Everything in the entries except the pictures should be repeated exactly.

%%

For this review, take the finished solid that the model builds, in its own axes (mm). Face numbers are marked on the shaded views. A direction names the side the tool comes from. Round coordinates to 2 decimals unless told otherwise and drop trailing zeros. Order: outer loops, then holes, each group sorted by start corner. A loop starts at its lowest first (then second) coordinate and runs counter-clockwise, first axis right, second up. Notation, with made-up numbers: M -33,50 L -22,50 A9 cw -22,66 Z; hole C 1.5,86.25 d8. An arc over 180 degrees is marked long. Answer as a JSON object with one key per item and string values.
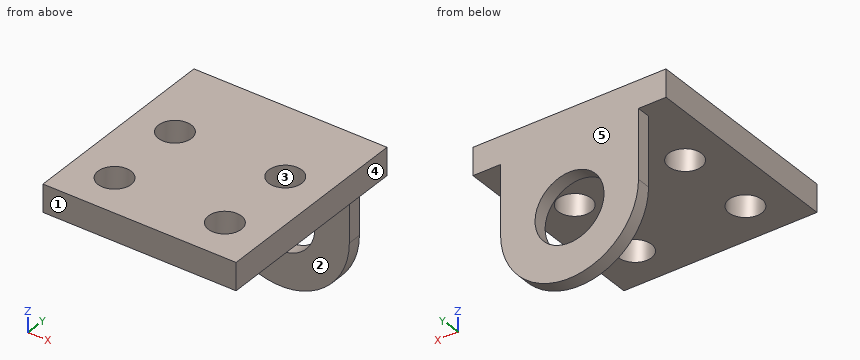
from build123d import *

# Parameters (mm, degrees)
SKETCH_1_W          = 70
SKETCH_1_H          = 70
SKETCH_1_R          = 6
EXTRUDE_1_DEPTH     = 10
SKETCH_2_W          = 70
SKETCH_2_H          = 5
EXTRUDE_2_DEPTH     = 60
SKETCH_4_R          = 12.5
CUT_EXTRUDE_1_DEPTH = 10


with BuildPart() as part:
    # 草图1 → 凸台-拉伸1 (new body)
    with BuildSketch(Plane.XY):
        with Locations((20, 20)):
            Rectangle(SKETCH_1_W, SKETCH_1_H)
        Circle(SKETCH_1_R, mode=Mode.SUBTRACT)
        with Locations((0, 30)):
            Circle(SKETCH_1_R, mode=Mode.SUBTRACT)
        with Locations((40, 30)):
            Circle(SKETCH_1_R, mode=Mode.SUBTRACT)
        with Locations((40, 0)):
            Circle(SKETCH_1_R, mode=Mode.SUBTRACT)
    extrude(amount=EXTRUDE_1_DEPTH)

    # 草图2 → 凸台-拉伸2 (add)
    with BuildSketch(Plane.XY.offset(10)):
        with Locations((20, 57.5)):
            Rectangle(SKETCH_2_W, SKETCH_2_H)
    extrude(amount=-EXTRUDE_2_DEPTH)

    # 草图4 → 切除-拉伸1 (cut)
    with BuildSketch(Plane(origin=(0, 60, 0), x_dir=(1, 0, 0), z_dir=(0, 1, 0))):
        with Locations(Location((20, 25, 0), (0, 0, 270))):
            Circle(SKETCH_4_R)
        with BuildLine():
            Line((-5, 25), (-5, 0))
            Line((-5, 0), (-23.267990544, 0))
            Line((-23.267990544, 0), (-23.267990544, 53.705684911))
            Line((-23.267990544, 53.705684911), (55, 53.705684911))
            Line((55, 53.705684911), (55, 0))
            Line((55, 0), (45, 0))
            Line((45, 0), (45, 25))
            ThreePointArc((45, 25), (20, 50), (-5, 25))
        make_face()
    extrude(amount=-CUT_EXTRUDE_1_DEPTH, mode=Mode.SUBTRACT)


solid = part.part
1) Machinability: for the marked faces 1 and 2, which of the approach directions +Z, -Z, +X, -X, +Y, -Y give a long, thin tool a straight path to every point of the face, cutting with its end or side? Answer none if there is none.
Geometry check:
{"face 1": "+Z, -Z, +X, -X, -Y", "face 2": "-Z, +X, -X, -Y"}
2) Insertion check: P1, Ø14, axis at x = 0, y = 0, coming from the -Z side; P2, Ø11, axis at x = 40, y = 30, coming from the +Z side; P3, Ø5, axis at x = 30.5, z = -6, coming from the -Y side; P4, Ø5.5, axis at y = 57.5, z = -14, coming from the -X side. Each pin has a flat end and moves straight along its axis. Give the tip position at first contact, or say it passes through.
Geometry check:
{"P1": "stops at z = 0", "P2": "passes through", "P3": "stops at y = 55", "P4": "stops at x = -5"}
3) Mouldability with a two-part tool opening along X and no side actions: class the marked faces 3, 4 and 5 as +X half, -X half, draft (parallel to the pull), parting line (faces both ways), or undercut.
Geometry check:
{"face 3": "undercut", "face 4": "+X half", "face 5": "draft"}
4) Add section C-C on z = -17. State the section outline as (x, y) points.
Geometry check:
{"outline": "M -5,55 L 10.4,55 L 10.4,60 L -5,60 Z; M 29.6,55 L 45,55 L 45,60 L 29.6,60 Z"}
5) Add section A-A on x = 40. State the section outline as (y, z) points.
Geometry check:
{"outline": "M -15,0 L -6,0 L -6,10 L -15,10 Z; M 6,0 L 24,0 L 24,10 L 6,10 Z; M 36,0 L 55,0 L 55,-40 L 60,-40 L 60,10 L 36,10 Z"}
6) For L1, parallel to Y at x = 40, z = 7.5; L2, parallel to X at y = 58.4, z = -25; L3, parallel to Z at x = 28, y = 48, list the stretches that pass through material, from the lowest coordinate up.
Geometry check:
{"L1": "y = -15 to -6, 6 to 24, 36 to 60", "L2": "x = -5 to 7.5, 32.5 to 45", "L3": "z = 0 to 10"}
7) Add section B-B on y = 30. State the section outline as (x, z) points.
Geometry check:
{"outline": "M -15,0 L -6,0 L -6,10 L -15,10 Z; M 6,0 L 34,0 L 34,10 L 6,10 Z; M 46,0 L 55,0 L 55,10 L 46,10 Z"}
8) Add section D-D on x = 20. State the section outline as (y, z) points, and give its area (3 significant figures).
Geometry check:
{"outline": "M -15,0 L 55,0 L 55,-12.5 L 60,-12.5 L 60,10 L -15,10 Z; M 55,-50 L 60,-50 L 60,-37.5 L 55,-37.5 Z", "area": "875 mm²"}

%%

=== Response box ===
For this review, take the finished solid that the model builds, in its own axes (mm). Face numbers are marked on the shaded views. A direction names the side the tool comes from. Round coordinates to 2 decimals unless told otherwise and drop trailing zeros. Order: outer loops, then holes, each group sorted by start corner. A loop starts at its lowest first (then second) coordinate and runs counter-clockwise, first axis right, second up. Notation, with made-up numbers: M -33,50 L -22,50 A9 cw -22,66 Z; hole C 1.5,86.25 d8. An arc over 180 degrees is marked long. Answer as a JSON object with one key per item and string values.
from build123d import *

# Parameters (mm, degrees)
SKETCH_1_W          = 70
SKETCH_1_H          = 70
SKETCH_1_R          = 6
EXTRUDE_1_DEPTH     = 10
SKETCH_2_W          = 70
SKETCH_2_H          = 5
EXTRUDE_2_DEPTH     = 60
SKETCH_4_R          = 12.5
CUT_EXTRUDE_1_DEPTH = 10


with BuildPart() as part:
    # 草图1 → 凸台-拉伸1 (new body)
    with BuildSketch(Plane.XY):
        with Locations((20, 20)):
            Rectangle(SKETCH_1_W, SKETCH_1_H)
        Circle(SKETCH_1_R, mode=Mode.SUBTRACT)
        with Locations((0, 30)):
            Circle(SKETCH_1_R, mode=Mode.SUBTRACT)
        with Locations((40, 30)):
            Circle(SKETCH_1_R, mode=Mode.SUBTRACT)
        with Locations((40, 0)):
            Circle(SKETCH_1_R, mode=Mode.SUBTRACT)
    extrude(amount=EXTRUDE_1_DEPTH)

    # 草图2 → 凸台-拉伸2 (add)
    with BuildSketch(Plane.XY.offset(10)):
        with Locations((20, 57.5)):
            Rectangle(SKETCH_2_W, SKETCH_2_H)
    extrude(amount=-EXTRUDE_2_DEPTH)

    # 草图4 → 切除-拉伸1 (cut)
    with BuildSketch(Plane(origin=(0, 60, 0), x_dir=(1, 0, 0), z_dir=(0, 1, 0))):
        with Locations(Location((20, 25, 0), (0, 0, 270))):
            Circle(SKETCH_4_R)
        with BuildLine():
            Line((-5, 25), (-5, 0))
            Line((-5, 0), (-23.267990544, 0))
            Line((-23.267990544, 0), (-23.267990544, 53.705684911))
            Line((-23.267990544, 53.705684911), (55, 53.705684911))
            Line((55, 53.705684911), (55, 0))
            Line((55, 0), (45, 0))
            Line((45, 0), (45, 25))
            ThreePointArc((45, 25), (20, 50), (-5, 25))
        make_face()
    extrude(amount=-CUT_EXTRUDE_1_DEPTH, mode=Mode.SUBTRACT)


solid = part.part
1) Machinability: for the marked faces 1 and 2, which of the approach directions +Z, -Z, +X, -X, +Y, -Y give a long, thin tool a straight path to every point of the face, cutting with its end or side? Answer none if there is none.
Geometry check:
{"face 1": "+Z, -Z, +X, -X, -Y", "face 2": "-Z, +X, -X, -Y"}
2) Insertion check: P1, Ø14, axis at x = 0, y = 0, coming from the -Z side; P2, Ø11, axis at x = 40, y = 30, coming from the +Z side; P3, Ø5, axis at x = 30.5, z = -6, coming from the -Y side; P4, Ø5.5, axis at y = 57.5, z = -14, coming from the -X side. Each pin has a flat end and moves straight along its axis. Give the tip position at first contact, or say it passes through.
Geometry check:
{"P1": "stops at z = 0", "P2": "passes through", "P3": "stops at y = 55", "P4": "stops at x = -5"}
3) Mouldability with a two-part tool opening along X and no side actions: class the marked faces 3, 4 and 5 as +X half, -X half, draft (parallel to the pull), parting line (faces both ways), or undercut.
Geometry check:
{"face 3": "undercut", "face 4": "+X half", "face 5": "draft"}
4) Add section C-C on z = -17. State the section outline as (x, y) points.
Geometry check:
{"outline": "M -5,55 L 10.4,55 L 10.4,60 L -5,60 Z; M 29.6,55 L 45,55 L 45,60 L 29.6,60 Z"}
5) Add section A-A on x = 40. State the section outline as (y, z) points.
Geometry check:
{"outline": "M -15,0 L -6,0 L -6,10 L -15,10 Z; M 6,0 L 24,0 L 24,10 L 6,10 Z; M 36,0 L 55,0 L 55,-40 L 60,-40 L 60,10 L 36,10 Z"}
6) For L1, parallel to Y at x = 40, z = 7.5; L2, parallel to X at y = 58.4, z = -25; L3, parallel to Z at x = 28, y = 48, list the stretches that pass through material, from the lowest coordinate up.
Geometry check:
{"L1": "y = -15 to -6, 6 to 24, 36 to 60", "L2": "x = -5 to 7.5, 32.5 to 45", "L3": "z = 0 to 10"}
7) Add section B-B on y = 30. State the section outline as (x, z) points.
Geometry check:
{"outline": "M -15,0 L -6,0 L -6,10 L -15,10 Z; M 6,0 L 34,0 L 34,10 L 6,10 Z; M 46,0 L 55,0 L 55,10 L 46,10 Z"}
8) Add section D-D on x = 20. State the section outline as (y, z) points, and give its area (3 significant figures).
Geometry check:
{"outline": "M -15,0 L 55,0 L 55,-12.5 L 60,-12.5 L 60,10 L -15,10 Z; M 55,-50 L 60,-50 L 60,-37.5 L 55,-37.5 Z", "area": "875 mm²"}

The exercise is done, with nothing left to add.